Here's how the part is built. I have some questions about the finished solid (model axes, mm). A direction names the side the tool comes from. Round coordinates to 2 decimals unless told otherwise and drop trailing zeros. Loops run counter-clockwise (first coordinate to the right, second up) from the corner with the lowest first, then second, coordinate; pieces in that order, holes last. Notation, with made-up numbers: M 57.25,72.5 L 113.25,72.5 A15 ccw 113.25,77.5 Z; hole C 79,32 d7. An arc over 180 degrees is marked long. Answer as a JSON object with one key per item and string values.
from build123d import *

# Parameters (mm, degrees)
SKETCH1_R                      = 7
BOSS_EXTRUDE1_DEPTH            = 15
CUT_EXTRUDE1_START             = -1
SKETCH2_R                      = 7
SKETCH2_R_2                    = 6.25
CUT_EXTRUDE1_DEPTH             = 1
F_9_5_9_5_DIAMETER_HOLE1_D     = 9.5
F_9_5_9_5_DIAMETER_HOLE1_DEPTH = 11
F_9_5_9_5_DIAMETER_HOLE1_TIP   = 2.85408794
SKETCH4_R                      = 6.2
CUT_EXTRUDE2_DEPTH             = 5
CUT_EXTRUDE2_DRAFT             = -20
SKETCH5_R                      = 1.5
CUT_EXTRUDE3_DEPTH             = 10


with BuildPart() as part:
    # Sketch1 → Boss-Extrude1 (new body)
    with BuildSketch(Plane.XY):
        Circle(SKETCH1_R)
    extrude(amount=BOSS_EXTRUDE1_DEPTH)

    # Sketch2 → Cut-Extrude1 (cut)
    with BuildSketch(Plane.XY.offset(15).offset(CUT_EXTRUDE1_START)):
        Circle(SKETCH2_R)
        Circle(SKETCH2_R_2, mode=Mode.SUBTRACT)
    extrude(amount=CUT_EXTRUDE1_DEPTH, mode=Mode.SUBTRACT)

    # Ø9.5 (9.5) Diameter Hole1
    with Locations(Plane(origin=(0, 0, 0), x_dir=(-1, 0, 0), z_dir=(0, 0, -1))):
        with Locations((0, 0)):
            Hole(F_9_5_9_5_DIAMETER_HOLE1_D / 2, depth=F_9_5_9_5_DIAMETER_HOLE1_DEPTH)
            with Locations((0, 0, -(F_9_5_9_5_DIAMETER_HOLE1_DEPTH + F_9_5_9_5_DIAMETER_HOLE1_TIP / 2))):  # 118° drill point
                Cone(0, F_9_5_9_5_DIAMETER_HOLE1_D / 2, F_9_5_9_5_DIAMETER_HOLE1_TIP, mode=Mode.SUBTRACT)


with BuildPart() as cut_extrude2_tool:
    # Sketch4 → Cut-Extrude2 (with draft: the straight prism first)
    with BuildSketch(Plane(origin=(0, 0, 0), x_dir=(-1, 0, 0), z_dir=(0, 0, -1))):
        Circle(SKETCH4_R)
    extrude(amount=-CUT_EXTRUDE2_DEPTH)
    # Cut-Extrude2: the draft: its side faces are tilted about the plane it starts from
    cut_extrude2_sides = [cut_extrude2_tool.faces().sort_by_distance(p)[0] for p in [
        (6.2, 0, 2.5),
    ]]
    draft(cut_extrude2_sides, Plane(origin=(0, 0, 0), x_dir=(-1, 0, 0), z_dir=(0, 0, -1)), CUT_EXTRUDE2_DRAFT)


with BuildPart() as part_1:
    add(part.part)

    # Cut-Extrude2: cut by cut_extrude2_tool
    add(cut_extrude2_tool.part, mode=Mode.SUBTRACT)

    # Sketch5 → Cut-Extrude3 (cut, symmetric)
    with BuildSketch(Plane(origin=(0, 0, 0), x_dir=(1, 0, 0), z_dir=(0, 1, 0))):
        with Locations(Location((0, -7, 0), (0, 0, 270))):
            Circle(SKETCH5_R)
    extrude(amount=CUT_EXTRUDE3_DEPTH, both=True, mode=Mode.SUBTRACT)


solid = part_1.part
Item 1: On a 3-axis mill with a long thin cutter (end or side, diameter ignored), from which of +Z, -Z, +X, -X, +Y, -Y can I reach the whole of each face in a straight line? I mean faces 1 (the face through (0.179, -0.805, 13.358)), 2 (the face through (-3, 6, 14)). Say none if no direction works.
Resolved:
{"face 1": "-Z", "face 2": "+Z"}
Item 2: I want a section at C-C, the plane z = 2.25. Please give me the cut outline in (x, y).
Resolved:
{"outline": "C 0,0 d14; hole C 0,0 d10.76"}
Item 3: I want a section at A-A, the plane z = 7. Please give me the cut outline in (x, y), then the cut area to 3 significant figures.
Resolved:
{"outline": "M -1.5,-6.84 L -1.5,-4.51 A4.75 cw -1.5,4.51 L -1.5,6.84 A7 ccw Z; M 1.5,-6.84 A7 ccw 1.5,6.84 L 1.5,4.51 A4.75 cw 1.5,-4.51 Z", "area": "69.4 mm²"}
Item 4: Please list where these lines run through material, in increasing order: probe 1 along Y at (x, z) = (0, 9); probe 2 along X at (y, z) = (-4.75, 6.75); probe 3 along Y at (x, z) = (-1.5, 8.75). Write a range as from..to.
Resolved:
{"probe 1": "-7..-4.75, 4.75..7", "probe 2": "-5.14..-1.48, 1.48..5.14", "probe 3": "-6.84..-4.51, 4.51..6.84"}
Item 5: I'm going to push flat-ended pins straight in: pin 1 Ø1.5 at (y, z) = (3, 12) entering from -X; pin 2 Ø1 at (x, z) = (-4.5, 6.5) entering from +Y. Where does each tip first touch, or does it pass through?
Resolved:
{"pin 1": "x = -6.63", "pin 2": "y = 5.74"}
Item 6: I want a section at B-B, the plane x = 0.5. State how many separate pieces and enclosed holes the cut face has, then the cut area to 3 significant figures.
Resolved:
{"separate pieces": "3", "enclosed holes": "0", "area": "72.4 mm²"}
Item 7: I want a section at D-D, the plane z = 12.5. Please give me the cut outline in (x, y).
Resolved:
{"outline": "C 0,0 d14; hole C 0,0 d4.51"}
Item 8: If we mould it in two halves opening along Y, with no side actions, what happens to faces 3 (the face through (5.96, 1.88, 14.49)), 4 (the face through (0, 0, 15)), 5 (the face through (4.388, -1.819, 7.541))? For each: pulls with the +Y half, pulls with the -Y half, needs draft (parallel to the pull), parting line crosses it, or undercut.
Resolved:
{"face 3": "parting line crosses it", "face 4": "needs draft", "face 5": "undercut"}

--------

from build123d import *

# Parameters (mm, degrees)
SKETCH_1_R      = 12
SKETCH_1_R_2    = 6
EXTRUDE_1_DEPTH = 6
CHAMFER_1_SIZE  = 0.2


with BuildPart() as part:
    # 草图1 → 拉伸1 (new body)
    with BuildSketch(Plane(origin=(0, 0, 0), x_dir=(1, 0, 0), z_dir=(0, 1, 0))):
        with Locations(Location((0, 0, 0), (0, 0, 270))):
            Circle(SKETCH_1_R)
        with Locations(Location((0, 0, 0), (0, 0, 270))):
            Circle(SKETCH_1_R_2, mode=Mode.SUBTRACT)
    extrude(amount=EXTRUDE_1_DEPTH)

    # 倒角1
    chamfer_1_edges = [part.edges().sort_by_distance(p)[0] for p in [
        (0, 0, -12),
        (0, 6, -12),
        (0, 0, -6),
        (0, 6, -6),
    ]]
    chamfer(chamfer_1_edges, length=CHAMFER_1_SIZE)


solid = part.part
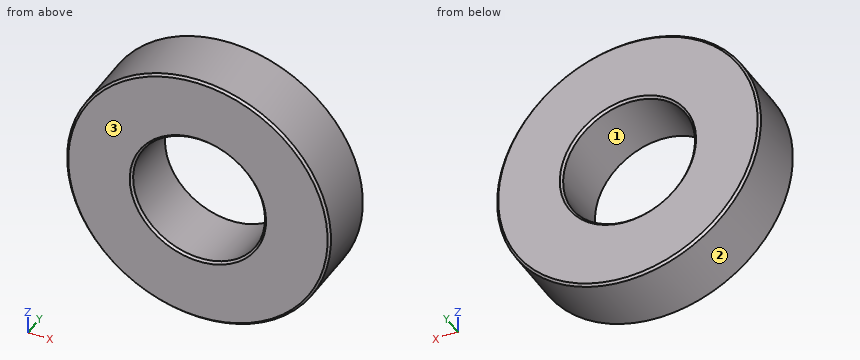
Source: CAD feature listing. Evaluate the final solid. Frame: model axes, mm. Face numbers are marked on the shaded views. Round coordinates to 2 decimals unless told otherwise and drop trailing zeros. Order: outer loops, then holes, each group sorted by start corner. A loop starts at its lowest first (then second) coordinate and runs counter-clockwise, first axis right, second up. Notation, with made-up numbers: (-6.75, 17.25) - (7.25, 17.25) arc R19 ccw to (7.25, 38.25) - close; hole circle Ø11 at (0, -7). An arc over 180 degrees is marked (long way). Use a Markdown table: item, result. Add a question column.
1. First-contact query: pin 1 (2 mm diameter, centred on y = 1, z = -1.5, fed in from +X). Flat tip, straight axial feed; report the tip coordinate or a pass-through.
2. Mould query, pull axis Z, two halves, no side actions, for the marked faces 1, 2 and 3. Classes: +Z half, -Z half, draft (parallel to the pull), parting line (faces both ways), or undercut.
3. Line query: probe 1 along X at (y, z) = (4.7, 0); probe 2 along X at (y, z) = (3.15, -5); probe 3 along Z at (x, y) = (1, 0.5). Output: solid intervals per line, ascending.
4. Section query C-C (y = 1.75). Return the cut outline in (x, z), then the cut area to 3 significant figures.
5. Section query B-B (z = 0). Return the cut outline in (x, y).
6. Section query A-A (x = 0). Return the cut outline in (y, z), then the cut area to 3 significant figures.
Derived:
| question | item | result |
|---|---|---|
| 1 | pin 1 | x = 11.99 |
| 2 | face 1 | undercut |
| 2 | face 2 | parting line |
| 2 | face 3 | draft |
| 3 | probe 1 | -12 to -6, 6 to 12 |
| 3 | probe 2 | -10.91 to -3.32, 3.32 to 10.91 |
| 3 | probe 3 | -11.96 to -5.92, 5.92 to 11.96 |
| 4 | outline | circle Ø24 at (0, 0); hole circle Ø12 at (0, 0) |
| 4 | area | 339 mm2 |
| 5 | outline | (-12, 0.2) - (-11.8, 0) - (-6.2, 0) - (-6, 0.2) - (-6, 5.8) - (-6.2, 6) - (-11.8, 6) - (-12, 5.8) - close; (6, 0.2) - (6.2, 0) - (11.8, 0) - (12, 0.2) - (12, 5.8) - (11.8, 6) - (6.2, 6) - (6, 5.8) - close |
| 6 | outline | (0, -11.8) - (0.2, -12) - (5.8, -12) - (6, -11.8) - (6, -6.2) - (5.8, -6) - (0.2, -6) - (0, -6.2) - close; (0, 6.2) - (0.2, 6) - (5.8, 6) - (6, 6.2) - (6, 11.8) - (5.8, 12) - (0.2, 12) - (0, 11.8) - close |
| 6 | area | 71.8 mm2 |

--------

- **WORK INSTRUCTION**
The answer should be nothing but the number of lines in this data that include "half".

- **ANSWER BOX**
2